--- SOURCE INFORMATION ---

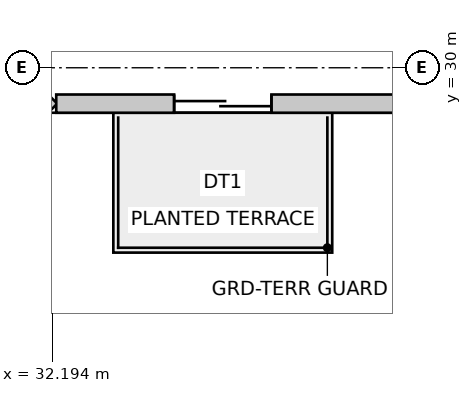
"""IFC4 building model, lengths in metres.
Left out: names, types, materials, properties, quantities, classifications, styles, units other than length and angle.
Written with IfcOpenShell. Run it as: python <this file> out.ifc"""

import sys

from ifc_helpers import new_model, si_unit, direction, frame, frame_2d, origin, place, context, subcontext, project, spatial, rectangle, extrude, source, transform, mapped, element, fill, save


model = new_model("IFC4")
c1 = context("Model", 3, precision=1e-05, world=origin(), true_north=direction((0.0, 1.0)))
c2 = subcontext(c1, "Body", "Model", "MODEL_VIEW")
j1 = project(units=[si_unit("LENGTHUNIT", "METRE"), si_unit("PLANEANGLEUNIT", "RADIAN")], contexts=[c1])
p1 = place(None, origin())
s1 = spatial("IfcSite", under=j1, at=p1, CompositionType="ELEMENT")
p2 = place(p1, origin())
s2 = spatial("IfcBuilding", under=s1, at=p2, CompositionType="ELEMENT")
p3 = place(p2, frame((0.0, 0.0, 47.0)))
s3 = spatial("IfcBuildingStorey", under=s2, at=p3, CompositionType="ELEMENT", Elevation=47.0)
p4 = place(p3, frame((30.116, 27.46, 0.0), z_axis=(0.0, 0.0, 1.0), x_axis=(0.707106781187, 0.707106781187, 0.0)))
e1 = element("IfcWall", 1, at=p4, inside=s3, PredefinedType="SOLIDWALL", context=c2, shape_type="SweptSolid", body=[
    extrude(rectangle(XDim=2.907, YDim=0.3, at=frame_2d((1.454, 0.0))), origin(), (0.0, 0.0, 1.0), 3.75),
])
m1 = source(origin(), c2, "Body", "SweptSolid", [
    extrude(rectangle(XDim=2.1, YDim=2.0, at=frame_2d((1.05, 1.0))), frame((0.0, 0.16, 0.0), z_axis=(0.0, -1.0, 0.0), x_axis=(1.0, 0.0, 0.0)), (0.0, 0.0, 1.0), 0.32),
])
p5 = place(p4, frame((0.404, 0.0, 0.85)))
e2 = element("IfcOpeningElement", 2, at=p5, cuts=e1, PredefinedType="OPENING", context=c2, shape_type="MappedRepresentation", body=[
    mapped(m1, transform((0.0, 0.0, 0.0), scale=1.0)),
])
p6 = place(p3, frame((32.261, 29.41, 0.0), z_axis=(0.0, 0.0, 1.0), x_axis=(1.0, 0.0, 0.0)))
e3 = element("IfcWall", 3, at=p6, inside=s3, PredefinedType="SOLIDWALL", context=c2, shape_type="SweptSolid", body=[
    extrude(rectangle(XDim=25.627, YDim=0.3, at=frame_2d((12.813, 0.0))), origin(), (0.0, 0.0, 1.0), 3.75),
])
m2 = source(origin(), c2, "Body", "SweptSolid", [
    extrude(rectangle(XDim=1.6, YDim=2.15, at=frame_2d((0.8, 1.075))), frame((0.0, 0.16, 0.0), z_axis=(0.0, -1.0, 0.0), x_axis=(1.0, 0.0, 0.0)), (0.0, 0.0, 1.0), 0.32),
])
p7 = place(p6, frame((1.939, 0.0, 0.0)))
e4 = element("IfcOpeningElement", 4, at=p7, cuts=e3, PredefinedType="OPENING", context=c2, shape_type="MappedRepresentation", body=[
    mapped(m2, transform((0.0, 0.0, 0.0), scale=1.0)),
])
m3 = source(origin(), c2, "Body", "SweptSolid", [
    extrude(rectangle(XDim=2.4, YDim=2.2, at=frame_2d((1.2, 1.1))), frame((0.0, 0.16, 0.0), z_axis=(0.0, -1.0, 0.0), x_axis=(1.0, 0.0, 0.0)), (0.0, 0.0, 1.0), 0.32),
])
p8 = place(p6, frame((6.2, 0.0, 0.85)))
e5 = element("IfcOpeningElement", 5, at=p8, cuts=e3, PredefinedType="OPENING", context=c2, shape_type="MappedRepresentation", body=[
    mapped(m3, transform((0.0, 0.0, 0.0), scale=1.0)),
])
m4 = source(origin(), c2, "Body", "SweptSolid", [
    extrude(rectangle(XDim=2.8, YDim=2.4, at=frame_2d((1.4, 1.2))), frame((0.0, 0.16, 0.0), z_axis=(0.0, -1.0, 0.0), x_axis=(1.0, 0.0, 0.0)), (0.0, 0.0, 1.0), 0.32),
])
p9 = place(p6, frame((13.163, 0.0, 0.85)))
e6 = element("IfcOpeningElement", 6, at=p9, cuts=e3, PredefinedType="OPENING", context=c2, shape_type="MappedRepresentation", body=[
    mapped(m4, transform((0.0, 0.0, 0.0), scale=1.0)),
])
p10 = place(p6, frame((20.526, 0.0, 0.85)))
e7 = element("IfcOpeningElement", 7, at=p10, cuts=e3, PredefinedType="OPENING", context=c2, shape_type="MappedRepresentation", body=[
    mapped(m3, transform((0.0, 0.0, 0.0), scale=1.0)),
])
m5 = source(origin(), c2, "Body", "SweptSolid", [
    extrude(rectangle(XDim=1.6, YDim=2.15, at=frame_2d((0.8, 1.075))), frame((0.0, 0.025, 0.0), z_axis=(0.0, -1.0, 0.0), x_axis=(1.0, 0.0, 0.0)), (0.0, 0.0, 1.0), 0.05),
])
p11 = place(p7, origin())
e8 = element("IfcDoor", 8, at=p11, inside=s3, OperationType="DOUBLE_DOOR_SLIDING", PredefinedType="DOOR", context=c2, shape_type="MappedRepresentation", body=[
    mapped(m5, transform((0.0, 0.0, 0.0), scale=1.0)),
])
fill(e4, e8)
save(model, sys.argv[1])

---

▸ AIM OF THE TASK
Every line in the records above that contains the word "import" should be copied out.

▸ EXERCISE ANSWER
import sys
from ifc_helpers import new_model, si_unit, direction, frame, frame_2d, origin, place, context, subcontext, project, spatial, rectangle, extrude, source, transform, mapped, element, fill, save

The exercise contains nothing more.